▶ WHAT IS REQUIRED:
Which lines below hold the word "under"? Report each one.
*** Block opens ***
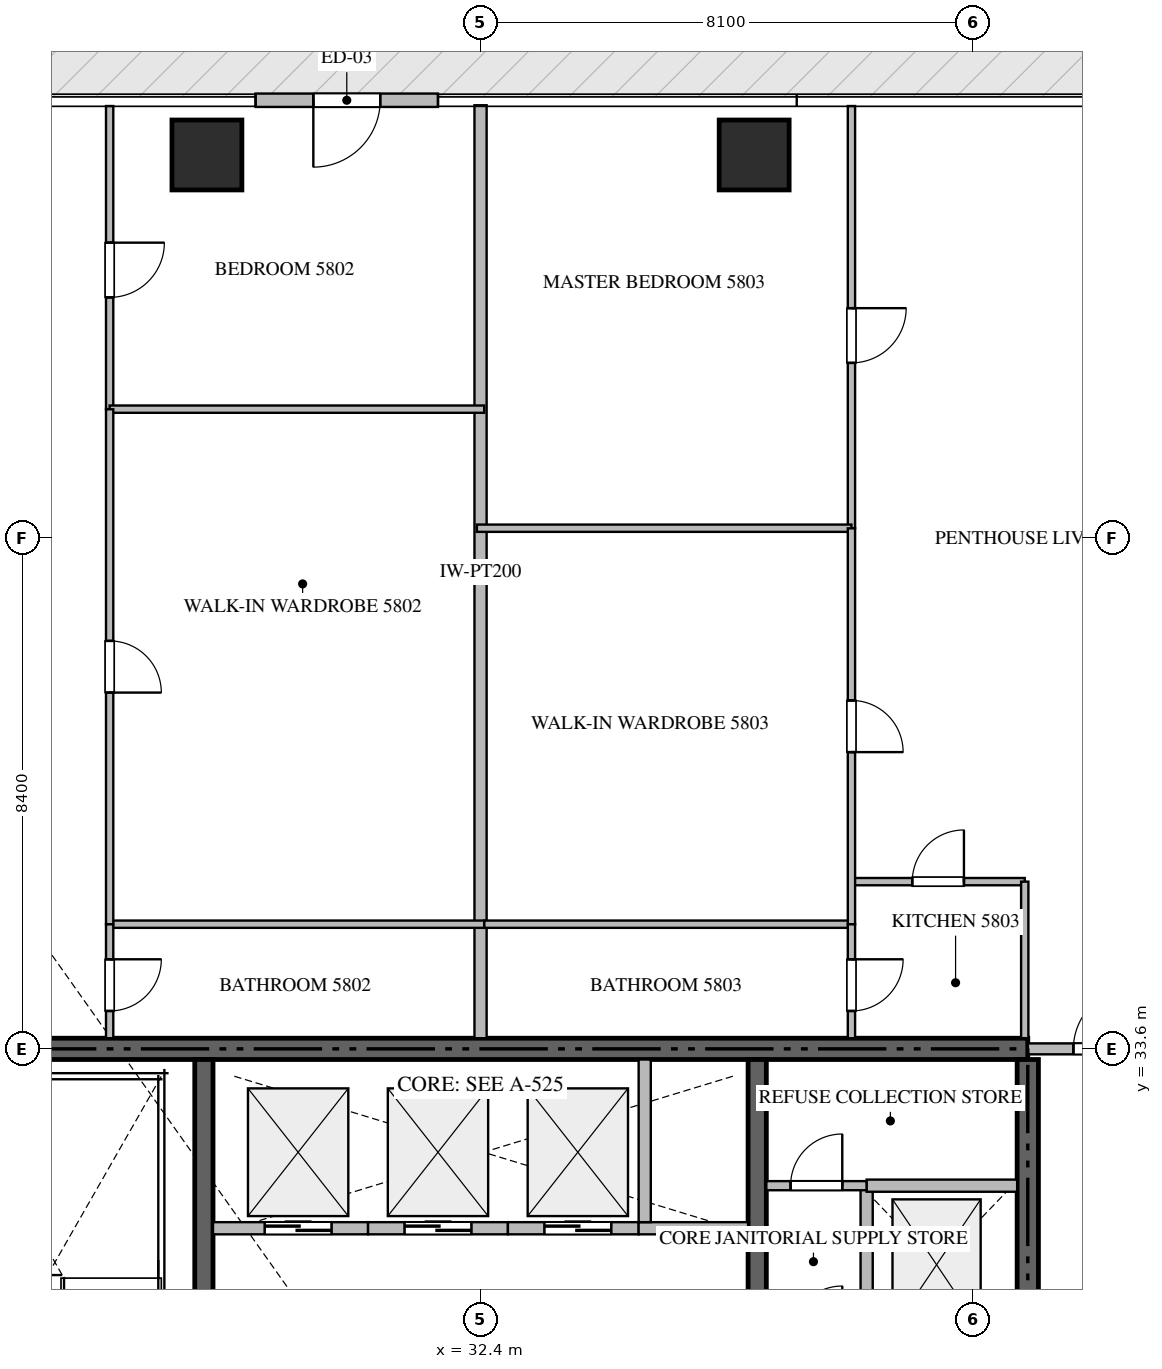
"""IFC4 building model, lengths in metres.
Left out: names, types, materials, properties, quantities, classifications, styles, units other than length and angle.
Written with IfcOpenShell. Run it as: python <this file> out.ifc"""

import sys

from ifc_helpers import new_model, si_unit, direction, frame, frame_2d, origin, origin_2d, place, context, subcontext, project, spatial, rectangle, extrude, source, transform, mapped, element, fill, save


model = new_model("IFC4")
c1 = context("Model", 3, precision=1e-05, world=origin(), true_north=direction((0.0, 1.0)))
c2 = subcontext(c1, "Body", "Model", "MODEL_VIEW")
j1 = project(units=[si_unit("LENGTHUNIT", "METRE"), si_unit("PLANEANGLEUNIT", "RADIAN")], contexts=[c1])
p1 = place(None, origin())
s1 = spatial("IfcSite", under=j1, at=p1, CompositionType="ELEMENT")
p2 = place(p1, origin())
s2 = spatial("IfcBuilding", under=s1, at=p2, CompositionType="ELEMENT")
p3 = place(p2, frame((0.0, 0.0, 233.55)))
s3 = spatial("IfcBuildingStorey", under=s2, at=p3, CompositionType="ELEMENT", Elevation=233.55)
p4 = place(p3, frame((41.4, 33.6, -0.26), z_axis=(0.0, 0.0, 1.0), x_axis=(-1.0, 0.0, 0.0)))
e1 = element("IfcWall", 1, at=p4, inside=s3, PredefinedType="SHEAR", context=c2, shape_type="SweptSolid", body=[
    extrude(rectangle(XDim=18.0, YDim=0.35, at=frame_2d((9.0, 0.0))), origin(), (0.0, 0.0, 1.0), 3.848),
])
p5 = place(p3, frame((41.4, 27.75, -0.26), z_axis=(0.0, 0.0, 1.0), x_axis=(0.0, 1.0, 0.0)))
e2 = element("IfcWall", 2, at=p5, inside=s3, PredefinedType="SHEAR", context=c2, shape_type="SweptSolid", body=[
    extrude(rectangle(XDim=5.675, YDim=0.35, at=frame_2d((2.837, 0.0))), origin(), (0.0, 0.0, 1.0), 3.848),
])
p6 = place(p3, frame((27.85, 23.55, -0.26), z_axis=(0.0, 0.0, 1.0), x_axis=(0.0, 1.0, 0.0)))
e3 = element("IfcWall", 3, at=p6, inside=s3, PredefinedType="SHEAR", context=c2, shape_type="SweptSolid", body=[
    extrude(rectangle(XDim=9.875, YDim=0.3, at=frame_2d((4.938, 0.0))), origin(), (0.0, 0.0, 1.0), 3.848),
])
p7 = place(p3, frame((36.95, 27.05, -0.26), z_axis=(0.0, 0.0, 1.0), x_axis=(0.0, 1.0, 0.0)))
e4 = element("IfcWall", 4, at=p7, inside=s3, PredefinedType="SHEAR", context=c2, shape_type="SweptSolid", body=[
    extrude(rectangle(XDim=6.375, YDim=0.3, at=frame_2d((3.188, 0.0))), origin(), (0.0, 0.0, 1.0), 3.848),
])
m1 = source(origin(), c2, "Body", "SweptSolid", [
    extrude(rectangle(XDim=1.15, YDim=1.15, at=origin_2d()), origin(), (0.0, 0.0, 1.0), 3.85),
])
for number, where, z_axis, x_axis in (
    (5, (27.9, 48.3, -0.26), (0.0, 0.0, 1.0), (1.0, 0.0, 0.0)),
    (6, (36.9, 48.3, -0.26), (0.0, 0.0, 1.0), (1.0, 0.0, 0.0)),
):
    element("IfcColumn", number, at=place(p3, frame(where, z_axis=z_axis, x_axis=x_axis)), inside=s3, PredefinedType="COLUMN", context=c2, shape_type="MappedRepresentation", body=[
        mapped(m1, transform((0.0, 0.0, 0.0), scale=1.0)),
    ])
p8 = place(p3, frame((31.7, 49.2, 0.0), z_axis=(0.0, 0.0, 1.0), x_axis=(-1.0, 0.0, 0.0)))
e7 = element("IfcWall", 7, at=p8, inside=s3, PredefinedType="ELEMENTEDWALL", context=c2, shape_type="SweptSolid", body=[
    extrude(rectangle(XDim=3.0, YDim=0.22, at=frame_2d((1.5, 0.0))), origin(), (0.0, 0.0, 1.0), 3.575),
])
p9 = place(p8, frame((0.95, 0.0, 0.0)))
e8 = element("IfcOpeningElement", 8, at=p9, cuts=e7, PredefinedType="OPENING", context=c2, shape_type="SweptSolid", body=[
    extrude(rectangle(XDim=1.1, YDim=2.2, at=frame_2d((0.55, 1.1))), frame((0.0, 0.12, 0.0), z_axis=(0.0, -1.0, 0.0), x_axis=(1.0, 0.0, 0.0)), (0.0, 0.0, 1.0), 0.24),
])
p10 = place(p3, frame((28.0, 30.65, 0.0), z_axis=(0.0, 0.0, 1.0), x_axis=(1.0, 0.0, 0.0)))
e9 = element("IfcWall", 9, at=p10, inside=s3, PredefinedType="STANDARD", context=c2, shape_type="SweptSolid", body=[
    extrude(rectangle(XDim=2.55, YDim=0.2, at=frame_2d((1.275, 0.0))), origin(), (0.0, 0.0, 1.0), 3.59),
])
p11 = place(p10, frame((0.85, 0.0, 0.0)))
e10 = element("IfcOpeningElement", 10, at=p11, cuts=e9, PredefinedType="OPENING", context=c2, shape_type="SweptSolid", body=[
    extrude(rectangle(XDim=1.1, YDim=2.2, at=frame_2d((0.55, 1.1))), frame((0.0, 0.11, 0.0), z_axis=(0.0, -1.0, 0.0), x_axis=(1.0, 0.0, 0.0)), (0.0, 0.0, 1.0), 0.22),
])
p12 = place(p3, frame((30.55, 30.65, 0.0), z_axis=(0.0, 0.0, 1.0), x_axis=(1.0, 0.0, 0.0)))
e11 = element("IfcWall", 11, at=p12, inside=s3, PredefinedType="STANDARD", context=c2, shape_type="SweptSolid", body=[
    extrude(rectangle(XDim=2.3, YDim=0.2, at=frame_2d((1.15, 0.0))), origin(), (0.0, 0.0, 1.0), 3.59),
])
p13 = place(p12, frame((0.6, 0.0, 0.0)))
e12 = element("IfcOpeningElement", 12, at=p13, cuts=e11, PredefinedType="OPENING", context=c2, shape_type="SweptSolid", body=[
    extrude(rectangle(XDim=1.1, YDim=2.2, at=frame_2d((0.55, 1.1))), frame((0.0, 0.11, 0.0), z_axis=(0.0, -1.0, 0.0), x_axis=(1.0, 0.0, 0.0)), (0.0, 0.0, 1.0), 0.22),
])
p14 = place(p3, frame((32.85, 30.65, 0.0), z_axis=(0.0, 0.0, 1.0), x_axis=(1.0, 0.0, 0.0)))
e13 = element("IfcWall", 13, at=p14, inside=s3, PredefinedType="STANDARD", context=c2, shape_type="SweptSolid", body=[
    extrude(rectangle(XDim=2.15, YDim=0.2, at=frame_2d((1.075, 0.0))), origin(), (0.0, 0.0, 1.0), 3.59),
])
p15 = place(p14, frame((0.6, 0.0, 0.0)))
e14 = element("IfcOpeningElement", 14, at=p15, cuts=e13, PredefinedType="OPENING", context=c2, shape_type="SweptSolid", body=[
    extrude(rectangle(XDim=1.1, YDim=2.2, at=frame_2d((0.55, 1.1))), frame((0.0, 0.11, 0.0), z_axis=(0.0, -1.0, 0.0), x_axis=(1.0, 0.0, 0.0)), (0.0, 0.0, 1.0), 0.22),
])
p16 = place(p3, frame((35.0, 30.65, 0.0), z_axis=(0.0, 0.0, 1.0), x_axis=(1.0, 0.0, 0.0)))
e15 = element("IfcWall", 15, at=p16, inside=s3, PredefinedType="STANDARD", context=c2, shape_type="SweptSolid", body=[
    extrude(rectangle(XDim=1.8, YDim=0.2, at=frame_2d((0.9, 0.0))), origin(), (0.0, 0.0, 1.0), 3.59),
])
p17 = place(p3, frame((35.1, 30.75, 0.0), z_axis=(0.0, 0.0, 1.0), x_axis=(0.0, 1.0, 0.0)))
e16 = element("IfcWall", 16, at=p17, inside=s3, PredefinedType="STANDARD", context=c2, shape_type="SweptSolid", body=[
    extrude(rectangle(XDim=2.675, YDim=0.2, at=frame_2d((1.337, 0.0))), origin(), (0.0, 0.0, 1.0), 3.59),
])
p18 = place(p3, frame((38.75, 28.85, 0.0), z_axis=(0.0, 0.0, 1.0), x_axis=(0.0, 1.0, 0.0)))
e17 = element("IfcWall", 17, at=p18, inside=s3, PredefinedType="STANDARD", context=c2, shape_type="SweptSolid", body=[
    extrude(rectangle(XDim=2.5, YDim=0.2, at=frame_2d((1.25, 0.0))), origin(), (0.0, 0.0, 1.0), 3.59),
])
p19 = place(p3, frame((38.75, 31.35, 0.0), z_axis=(0.0, 0.0, 1.0), x_axis=(1.0, 0.0, 0.0)))
e18 = element("IfcWall", 18, at=p19, inside=s3, PredefinedType="STANDARD", context=c2, shape_type="SweptSolid", body=[
    extrude(rectangle(XDim=2.475, YDim=0.2, at=frame_2d((1.238, 0.0))), origin(), (0.0, 0.0, 1.0), 3.59),
])
p20 = place(p3, frame((37.1, 31.35, 0.0), z_axis=(0.0, 0.0, 1.0), x_axis=(1.0, 0.0, 0.0)))
e19 = element("IfcWall", 19, at=p20, inside=s3, PredefinedType="PARTITIONING", context=c2, shape_type="SweptSolid", body=[
    extrude(rectangle(XDim=1.648, YDim=0.15, at=frame_2d((0.824, 0.0))), origin(), (0.0, 0.0, 1.0), 3.59),
])
p21 = place(p20, frame((0.399, 0.0, 0.0)))
e20 = element("IfcOpeningElement", 20, at=p21, cuts=e19, PredefinedType="OPENING", context=c2, shape_type="SweptSolid", body=[
    extrude(rectangle(XDim=0.85, YDim=2.1, at=frame_2d((0.425, 1.05))), frame((0.0, 0.085, 0.0), z_axis=(0.0, -1.0, 0.0), x_axis=(1.0, 0.0, 0.0)), (0.0, 0.0, 1.0), 0.17),
])
p22 = place(p3, frame((32.4, 33.775, 0.0), z_axis=(0.0, 0.0, 1.0), x_axis=(0.0, 1.0, 0.0)))
e21 = element("IfcWall", 21, at=p22, inside=s3, PredefinedType="PARTITIONING", context=c2, shape_type="SweptSolid", body=[
    extrude(rectangle(XDim=15.343, YDim=0.2, at=frame_2d((7.671, 0.0))), origin(), (0.0, 0.0, 1.0), 3.59),
])
p23 = place(p3, frame((41.402, 33.6, 0.0), z_axis=(0.0, 0.0, 1.0), x_axis=(1.0, 0.0, 0.0)))
e22 = element("IfcWall", 22, at=p23, inside=s3, PredefinedType="PARTITIONING", context=c2, shape_type="SweptSolid", body=[
    extrude(rectangle(XDim=2.496, YDim=0.18, at=frame_2d((1.248, 0.0))), origin(), (0.0, 0.0, 1.0), 3.59),
])
p24 = place(p23, frame((0.748, 0.0, 0.0)))
e23 = element("IfcOpeningElement", 23, at=p24, cuts=e22, PredefinedType="OPENING", context=c2, shape_type="SweptSolid", body=[
    extrude(rectangle(XDim=1.0, YDim=2.15, at=frame_2d((0.5, 1.075))), frame((0.0, 0.1, 0.0), z_axis=(0.0, -1.0, 0.0), x_axis=(1.0, 0.0, 0.0)), (0.0, 0.0, 1.0), 0.2),
])
p25 = place(p3, frame((26.3, 49.105, 0.0), z_axis=(0.0, 0.0, 1.0), x_axis=(0.0, -1.0, 0.0)))
e24 = element("IfcWall", 24, at=p25, inside=s3, PredefinedType="PARTITIONING", context=c2, shape_type="SweptSolid", body=[
    extrude(rectangle(XDim=4.985, YDim=0.12, at=frame_2d((2.492, 0.0))), origin(), (0.0, 0.0, 1.0), 3.59),
])
p26 = place(p25, frame((2.247, 0.0, 0.0)))
e25 = element("IfcOpeningElement", 25, at=p26, cuts=e24, PredefinedType="OPENING", context=c2, shape_type="SweptSolid", body=[
    extrude(rectangle(XDim=0.9, YDim=2.1, at=frame_2d((0.45, 1.05))), frame((0.0, 0.07, 0.0), z_axis=(0.0, -1.0, 0.0), x_axis=(1.0, 0.0, 0.0)), (0.0, 0.0, 1.0), 0.14),
])
for number, where, z_axis, x_axis in (
    (26, (26.3, 44.12, 0.0), (0.0, 0.0, 1.0), (1.0, 0.0, 0.0)),
    (27, (26.3, 35.65, 0.0), (0.0, 0.0, 1.0), (1.0, 0.0, 0.0)),
):
    element("IfcWall", number, at=place(p3, frame(where, z_axis=z_axis, x_axis=x_axis)), inside=s3, PredefinedType="PARTITIONING", context=c2, shape_type="SweptSolid", body=[
        extrude(rectangle(XDim=6.16, YDim=0.12, at=frame_2d((3.08, 0.0))), origin(), (0.0, 0.0, 1.0), 3.59),
    ])
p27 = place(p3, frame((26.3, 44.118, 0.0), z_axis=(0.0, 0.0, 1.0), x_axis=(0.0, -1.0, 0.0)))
*** Block closes ***
▶ WRITTEN RESPONSE:
s1 = spatial("IfcSite", under=j1, at=p1, CompositionType="ELEMENT")
s2 = spatial("IfcBuilding", under=s1, at=p2, CompositionType="ELEMENT")
s3 = spatial("IfcBuildingStorey", under=s2, at=p3, CompositionType="ELEMENT", Elevation=233.55)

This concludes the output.